• WHAT IS BEING ASKED:
Below are the records. Retype exactly the lines between the lines holding "#163=EDGE_CURVE('',#126,#158,#162,.T.);" and "#180=EDGE_LOOP('',(#156,#164,#173,#179));", inclusive.

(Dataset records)
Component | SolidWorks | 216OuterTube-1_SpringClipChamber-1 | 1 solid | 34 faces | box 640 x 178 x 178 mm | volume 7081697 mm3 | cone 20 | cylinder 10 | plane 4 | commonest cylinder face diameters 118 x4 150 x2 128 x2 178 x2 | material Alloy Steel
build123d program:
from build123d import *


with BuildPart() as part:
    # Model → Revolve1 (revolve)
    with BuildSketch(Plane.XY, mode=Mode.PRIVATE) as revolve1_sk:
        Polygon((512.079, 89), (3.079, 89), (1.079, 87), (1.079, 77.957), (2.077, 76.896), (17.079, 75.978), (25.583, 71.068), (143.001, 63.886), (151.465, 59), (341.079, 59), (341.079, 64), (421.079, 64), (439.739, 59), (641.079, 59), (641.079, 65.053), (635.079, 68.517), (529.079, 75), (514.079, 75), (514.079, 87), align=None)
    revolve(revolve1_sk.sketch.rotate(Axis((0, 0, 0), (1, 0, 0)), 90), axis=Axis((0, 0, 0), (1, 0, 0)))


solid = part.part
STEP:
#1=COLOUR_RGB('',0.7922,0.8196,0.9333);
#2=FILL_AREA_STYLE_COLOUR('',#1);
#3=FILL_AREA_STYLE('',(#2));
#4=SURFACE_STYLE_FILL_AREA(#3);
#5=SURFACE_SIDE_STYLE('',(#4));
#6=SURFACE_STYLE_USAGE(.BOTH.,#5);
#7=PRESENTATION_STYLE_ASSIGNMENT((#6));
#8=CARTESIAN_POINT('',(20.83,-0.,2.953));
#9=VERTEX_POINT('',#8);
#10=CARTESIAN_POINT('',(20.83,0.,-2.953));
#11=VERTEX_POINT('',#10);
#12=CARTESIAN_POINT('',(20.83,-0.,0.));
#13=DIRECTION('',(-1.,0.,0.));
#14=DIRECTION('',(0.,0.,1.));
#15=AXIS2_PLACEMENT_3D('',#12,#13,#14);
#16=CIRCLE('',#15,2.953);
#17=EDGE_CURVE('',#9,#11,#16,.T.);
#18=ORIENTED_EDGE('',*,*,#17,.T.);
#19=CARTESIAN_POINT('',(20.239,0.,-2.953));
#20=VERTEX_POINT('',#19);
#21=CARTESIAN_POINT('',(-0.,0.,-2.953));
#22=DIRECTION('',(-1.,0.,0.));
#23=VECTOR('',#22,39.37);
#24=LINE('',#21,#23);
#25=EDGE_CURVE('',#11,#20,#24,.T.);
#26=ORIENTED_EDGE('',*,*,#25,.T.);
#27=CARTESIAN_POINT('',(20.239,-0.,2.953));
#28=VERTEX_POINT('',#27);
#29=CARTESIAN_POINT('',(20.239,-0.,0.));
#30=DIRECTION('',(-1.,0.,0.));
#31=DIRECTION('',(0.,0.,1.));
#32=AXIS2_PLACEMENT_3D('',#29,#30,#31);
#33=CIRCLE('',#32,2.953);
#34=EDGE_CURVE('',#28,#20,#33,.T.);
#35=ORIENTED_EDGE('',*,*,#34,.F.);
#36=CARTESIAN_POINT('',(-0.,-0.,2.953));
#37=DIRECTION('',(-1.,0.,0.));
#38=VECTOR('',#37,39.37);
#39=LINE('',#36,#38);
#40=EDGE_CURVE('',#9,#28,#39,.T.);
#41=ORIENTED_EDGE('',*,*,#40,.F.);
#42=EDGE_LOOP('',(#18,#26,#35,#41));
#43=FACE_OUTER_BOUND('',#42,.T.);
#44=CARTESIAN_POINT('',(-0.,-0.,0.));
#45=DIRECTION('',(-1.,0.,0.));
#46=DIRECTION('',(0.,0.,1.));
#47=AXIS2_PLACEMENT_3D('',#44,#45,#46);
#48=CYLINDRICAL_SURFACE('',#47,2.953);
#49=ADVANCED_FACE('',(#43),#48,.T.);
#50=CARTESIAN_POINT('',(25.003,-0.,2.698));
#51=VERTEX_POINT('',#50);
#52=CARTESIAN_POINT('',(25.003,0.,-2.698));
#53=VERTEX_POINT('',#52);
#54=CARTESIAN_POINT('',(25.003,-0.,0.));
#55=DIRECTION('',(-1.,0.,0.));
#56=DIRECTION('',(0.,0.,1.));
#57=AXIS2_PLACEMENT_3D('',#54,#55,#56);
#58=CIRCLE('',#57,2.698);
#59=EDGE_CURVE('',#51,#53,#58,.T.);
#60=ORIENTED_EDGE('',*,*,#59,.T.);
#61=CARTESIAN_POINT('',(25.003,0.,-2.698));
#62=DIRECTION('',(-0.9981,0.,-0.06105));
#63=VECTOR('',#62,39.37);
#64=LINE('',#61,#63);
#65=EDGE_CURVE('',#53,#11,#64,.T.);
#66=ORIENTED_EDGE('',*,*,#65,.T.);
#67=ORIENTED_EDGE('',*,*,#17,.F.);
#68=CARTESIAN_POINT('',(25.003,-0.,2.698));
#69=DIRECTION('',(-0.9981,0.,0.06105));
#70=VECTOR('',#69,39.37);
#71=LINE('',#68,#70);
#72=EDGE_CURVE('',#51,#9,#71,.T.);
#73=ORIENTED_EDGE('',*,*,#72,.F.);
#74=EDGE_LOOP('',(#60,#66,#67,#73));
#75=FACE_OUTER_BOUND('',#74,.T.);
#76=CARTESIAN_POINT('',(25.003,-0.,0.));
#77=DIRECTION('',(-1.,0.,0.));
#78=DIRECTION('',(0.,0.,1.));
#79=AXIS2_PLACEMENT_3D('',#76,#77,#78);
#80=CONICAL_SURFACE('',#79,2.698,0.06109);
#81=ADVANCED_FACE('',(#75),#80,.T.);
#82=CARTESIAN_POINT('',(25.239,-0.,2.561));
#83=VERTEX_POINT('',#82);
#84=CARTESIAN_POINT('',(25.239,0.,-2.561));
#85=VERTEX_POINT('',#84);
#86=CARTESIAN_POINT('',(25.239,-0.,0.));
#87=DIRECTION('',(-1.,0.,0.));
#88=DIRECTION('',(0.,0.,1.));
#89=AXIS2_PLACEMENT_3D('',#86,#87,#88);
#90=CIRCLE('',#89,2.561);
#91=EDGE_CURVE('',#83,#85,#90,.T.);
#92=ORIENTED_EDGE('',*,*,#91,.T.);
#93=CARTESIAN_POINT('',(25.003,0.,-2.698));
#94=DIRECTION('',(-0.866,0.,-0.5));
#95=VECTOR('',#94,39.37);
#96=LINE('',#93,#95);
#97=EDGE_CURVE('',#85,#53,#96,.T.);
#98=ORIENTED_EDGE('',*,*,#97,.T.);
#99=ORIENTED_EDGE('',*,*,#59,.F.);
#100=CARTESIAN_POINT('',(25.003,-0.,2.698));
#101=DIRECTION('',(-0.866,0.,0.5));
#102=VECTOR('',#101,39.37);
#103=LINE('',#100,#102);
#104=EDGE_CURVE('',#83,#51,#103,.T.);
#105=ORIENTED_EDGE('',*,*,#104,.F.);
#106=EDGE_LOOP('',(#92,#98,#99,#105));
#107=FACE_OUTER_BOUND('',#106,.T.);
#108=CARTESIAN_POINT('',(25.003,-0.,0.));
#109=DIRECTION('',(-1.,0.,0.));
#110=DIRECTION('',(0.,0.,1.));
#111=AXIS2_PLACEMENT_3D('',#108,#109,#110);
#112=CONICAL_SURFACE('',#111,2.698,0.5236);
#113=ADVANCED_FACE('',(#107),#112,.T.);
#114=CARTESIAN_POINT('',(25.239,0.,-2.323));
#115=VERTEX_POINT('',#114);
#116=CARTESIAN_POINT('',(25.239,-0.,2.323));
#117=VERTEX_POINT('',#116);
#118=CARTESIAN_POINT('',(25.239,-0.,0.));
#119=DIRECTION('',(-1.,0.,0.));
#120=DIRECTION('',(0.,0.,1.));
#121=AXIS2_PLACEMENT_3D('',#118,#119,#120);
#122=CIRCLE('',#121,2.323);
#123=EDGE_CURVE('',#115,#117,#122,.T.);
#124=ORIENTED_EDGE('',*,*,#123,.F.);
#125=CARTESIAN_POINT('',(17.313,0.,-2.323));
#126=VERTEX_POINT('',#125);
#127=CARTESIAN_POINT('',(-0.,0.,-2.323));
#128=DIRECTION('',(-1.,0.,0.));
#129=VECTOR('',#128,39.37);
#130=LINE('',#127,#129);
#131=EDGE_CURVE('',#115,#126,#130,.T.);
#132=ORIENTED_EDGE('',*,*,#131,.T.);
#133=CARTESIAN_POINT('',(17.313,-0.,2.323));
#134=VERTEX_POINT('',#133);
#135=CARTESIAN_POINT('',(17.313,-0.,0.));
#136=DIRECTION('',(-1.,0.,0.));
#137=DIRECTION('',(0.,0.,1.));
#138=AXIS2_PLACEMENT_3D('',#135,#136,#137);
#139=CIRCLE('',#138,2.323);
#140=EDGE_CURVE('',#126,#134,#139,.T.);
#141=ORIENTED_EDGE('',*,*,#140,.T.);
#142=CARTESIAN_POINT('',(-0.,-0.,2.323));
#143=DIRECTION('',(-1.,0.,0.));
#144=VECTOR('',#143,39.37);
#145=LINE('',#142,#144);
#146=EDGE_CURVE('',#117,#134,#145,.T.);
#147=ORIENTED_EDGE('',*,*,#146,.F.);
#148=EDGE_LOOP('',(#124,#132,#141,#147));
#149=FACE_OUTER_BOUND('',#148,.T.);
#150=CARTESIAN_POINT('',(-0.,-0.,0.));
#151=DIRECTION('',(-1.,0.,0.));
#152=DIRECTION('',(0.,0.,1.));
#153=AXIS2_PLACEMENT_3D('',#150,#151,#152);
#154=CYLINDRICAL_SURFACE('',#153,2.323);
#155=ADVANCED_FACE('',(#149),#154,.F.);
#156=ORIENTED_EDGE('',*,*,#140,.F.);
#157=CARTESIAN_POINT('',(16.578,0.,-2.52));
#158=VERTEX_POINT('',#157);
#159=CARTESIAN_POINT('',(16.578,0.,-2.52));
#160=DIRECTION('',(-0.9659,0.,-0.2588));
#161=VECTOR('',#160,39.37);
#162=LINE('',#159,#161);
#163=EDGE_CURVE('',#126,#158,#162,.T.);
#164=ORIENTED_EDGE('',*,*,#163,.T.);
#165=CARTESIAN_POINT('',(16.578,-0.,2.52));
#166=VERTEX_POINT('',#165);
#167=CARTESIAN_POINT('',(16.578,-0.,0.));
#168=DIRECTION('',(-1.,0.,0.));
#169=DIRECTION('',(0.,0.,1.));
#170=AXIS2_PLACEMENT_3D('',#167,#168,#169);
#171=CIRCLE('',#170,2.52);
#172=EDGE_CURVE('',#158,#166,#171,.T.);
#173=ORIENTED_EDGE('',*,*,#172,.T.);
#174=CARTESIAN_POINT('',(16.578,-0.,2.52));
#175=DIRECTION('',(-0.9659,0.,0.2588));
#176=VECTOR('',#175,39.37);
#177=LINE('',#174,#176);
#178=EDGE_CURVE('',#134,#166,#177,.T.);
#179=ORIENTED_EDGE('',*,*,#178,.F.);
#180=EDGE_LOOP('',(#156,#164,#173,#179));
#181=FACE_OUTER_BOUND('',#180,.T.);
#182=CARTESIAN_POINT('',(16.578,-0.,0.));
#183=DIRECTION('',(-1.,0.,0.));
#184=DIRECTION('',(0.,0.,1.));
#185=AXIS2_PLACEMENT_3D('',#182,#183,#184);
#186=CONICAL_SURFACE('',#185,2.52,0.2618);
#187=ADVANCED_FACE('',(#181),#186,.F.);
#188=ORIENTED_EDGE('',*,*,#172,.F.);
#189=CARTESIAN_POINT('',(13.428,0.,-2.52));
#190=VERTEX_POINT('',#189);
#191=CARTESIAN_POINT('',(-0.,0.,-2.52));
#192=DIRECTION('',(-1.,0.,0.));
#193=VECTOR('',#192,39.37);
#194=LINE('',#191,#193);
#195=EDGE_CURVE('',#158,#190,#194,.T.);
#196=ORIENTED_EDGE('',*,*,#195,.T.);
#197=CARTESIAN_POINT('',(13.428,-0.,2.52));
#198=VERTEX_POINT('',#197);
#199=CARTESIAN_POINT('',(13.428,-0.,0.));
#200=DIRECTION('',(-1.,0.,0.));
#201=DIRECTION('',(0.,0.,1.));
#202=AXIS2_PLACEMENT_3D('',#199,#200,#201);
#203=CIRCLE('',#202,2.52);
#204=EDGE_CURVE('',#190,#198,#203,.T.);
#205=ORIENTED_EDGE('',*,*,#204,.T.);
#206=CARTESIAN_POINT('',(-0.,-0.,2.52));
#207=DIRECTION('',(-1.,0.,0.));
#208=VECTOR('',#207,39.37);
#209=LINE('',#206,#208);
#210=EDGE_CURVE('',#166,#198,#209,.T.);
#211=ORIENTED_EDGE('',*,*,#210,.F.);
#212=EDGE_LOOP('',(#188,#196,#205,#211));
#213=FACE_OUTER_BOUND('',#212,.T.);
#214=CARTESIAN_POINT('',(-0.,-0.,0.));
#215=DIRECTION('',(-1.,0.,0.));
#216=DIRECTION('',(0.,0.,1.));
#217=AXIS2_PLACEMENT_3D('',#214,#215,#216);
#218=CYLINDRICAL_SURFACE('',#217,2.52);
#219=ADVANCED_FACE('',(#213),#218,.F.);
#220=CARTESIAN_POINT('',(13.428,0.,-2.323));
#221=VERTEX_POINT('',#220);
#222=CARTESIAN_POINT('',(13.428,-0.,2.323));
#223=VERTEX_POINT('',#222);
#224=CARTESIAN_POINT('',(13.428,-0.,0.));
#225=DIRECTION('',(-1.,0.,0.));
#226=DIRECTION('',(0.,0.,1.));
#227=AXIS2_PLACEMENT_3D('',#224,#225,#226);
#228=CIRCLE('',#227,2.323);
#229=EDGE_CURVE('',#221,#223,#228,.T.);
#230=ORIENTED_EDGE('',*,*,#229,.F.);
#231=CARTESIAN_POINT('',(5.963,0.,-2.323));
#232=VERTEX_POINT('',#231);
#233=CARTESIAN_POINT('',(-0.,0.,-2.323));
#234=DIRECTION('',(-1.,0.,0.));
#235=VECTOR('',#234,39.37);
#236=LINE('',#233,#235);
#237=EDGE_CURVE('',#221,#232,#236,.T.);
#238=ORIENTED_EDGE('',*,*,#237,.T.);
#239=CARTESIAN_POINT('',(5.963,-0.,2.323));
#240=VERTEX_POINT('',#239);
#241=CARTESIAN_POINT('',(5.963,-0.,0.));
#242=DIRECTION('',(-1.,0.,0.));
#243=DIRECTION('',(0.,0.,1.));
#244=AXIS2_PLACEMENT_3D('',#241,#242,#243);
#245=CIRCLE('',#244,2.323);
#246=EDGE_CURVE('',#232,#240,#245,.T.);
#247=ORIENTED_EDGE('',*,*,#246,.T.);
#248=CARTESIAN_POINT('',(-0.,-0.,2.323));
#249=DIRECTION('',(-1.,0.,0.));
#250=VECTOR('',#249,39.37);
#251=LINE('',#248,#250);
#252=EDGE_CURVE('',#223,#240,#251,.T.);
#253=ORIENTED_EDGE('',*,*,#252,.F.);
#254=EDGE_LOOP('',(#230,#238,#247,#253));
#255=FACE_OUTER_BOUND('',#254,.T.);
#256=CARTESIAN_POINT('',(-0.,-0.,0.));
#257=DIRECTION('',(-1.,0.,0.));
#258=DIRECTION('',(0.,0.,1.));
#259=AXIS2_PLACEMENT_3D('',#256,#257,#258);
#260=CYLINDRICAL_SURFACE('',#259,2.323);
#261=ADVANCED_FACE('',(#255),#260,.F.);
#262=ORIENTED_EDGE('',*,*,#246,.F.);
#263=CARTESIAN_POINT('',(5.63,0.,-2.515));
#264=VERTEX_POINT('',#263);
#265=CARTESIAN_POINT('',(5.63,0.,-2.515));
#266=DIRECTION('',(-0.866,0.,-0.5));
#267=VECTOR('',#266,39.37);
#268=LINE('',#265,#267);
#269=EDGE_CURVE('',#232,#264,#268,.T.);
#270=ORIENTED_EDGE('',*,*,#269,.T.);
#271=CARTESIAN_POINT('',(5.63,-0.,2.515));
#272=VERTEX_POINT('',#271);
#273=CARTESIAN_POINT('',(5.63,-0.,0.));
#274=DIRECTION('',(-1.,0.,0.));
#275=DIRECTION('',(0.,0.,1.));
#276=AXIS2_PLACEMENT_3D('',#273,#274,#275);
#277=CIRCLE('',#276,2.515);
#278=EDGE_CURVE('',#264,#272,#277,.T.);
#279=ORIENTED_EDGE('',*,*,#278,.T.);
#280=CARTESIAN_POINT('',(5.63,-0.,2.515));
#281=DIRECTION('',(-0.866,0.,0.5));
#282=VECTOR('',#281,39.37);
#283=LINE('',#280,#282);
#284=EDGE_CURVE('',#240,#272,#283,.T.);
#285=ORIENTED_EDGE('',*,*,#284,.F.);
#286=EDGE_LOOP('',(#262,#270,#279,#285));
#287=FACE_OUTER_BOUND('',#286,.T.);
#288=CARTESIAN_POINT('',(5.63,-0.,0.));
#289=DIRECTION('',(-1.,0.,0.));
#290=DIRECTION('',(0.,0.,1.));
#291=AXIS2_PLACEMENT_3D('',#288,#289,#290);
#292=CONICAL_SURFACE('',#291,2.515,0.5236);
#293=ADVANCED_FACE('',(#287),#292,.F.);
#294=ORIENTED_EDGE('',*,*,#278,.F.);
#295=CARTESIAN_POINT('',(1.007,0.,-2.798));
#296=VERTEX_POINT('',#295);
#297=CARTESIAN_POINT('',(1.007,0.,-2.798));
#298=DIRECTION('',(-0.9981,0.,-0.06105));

• SOLUTION TO THE PROBLEM:
#163=EDGE_CURVE('',#126,#158,#162,.T.);
#164=ORIENTED_EDGE('',*,*,#163,.T.);
#165=CARTESIAN_POINT('',(16.578,-0.,2.52));
#166=VERTEX_POINT('',#165);
#167=CARTESIAN_POINT('',(16.578,-0.,0.));
#168=DIRECTION('',(-1.,0.,0.));
#169=DIRECTION('',(0.,0.,1.));
#170=AXIS2_PLACEMENT_3D('',#167,#168,#169);
#171=CIRCLE('',#170,2.52);
#172=EDGE_CURVE('',#158,#166,#171,.T.);
#173=ORIENTED_EDGE('',*,*,#172,.T.);
#174=CARTESIAN_POINT('',(16.578,-0.,2.52));
#175=DIRECTION('',(-0.9659,0.,0.2588));
#176=VECTOR('',#175,39.37);
#177=LINE('',#174,#176);
#178=EDGE_CURVE('',#134,#166,#177,.T.);
#179=ORIENTED_EDGE('',*,*,#178,.F.);
#180=EDGE_LOOP('',(#156,#164,#173,#179));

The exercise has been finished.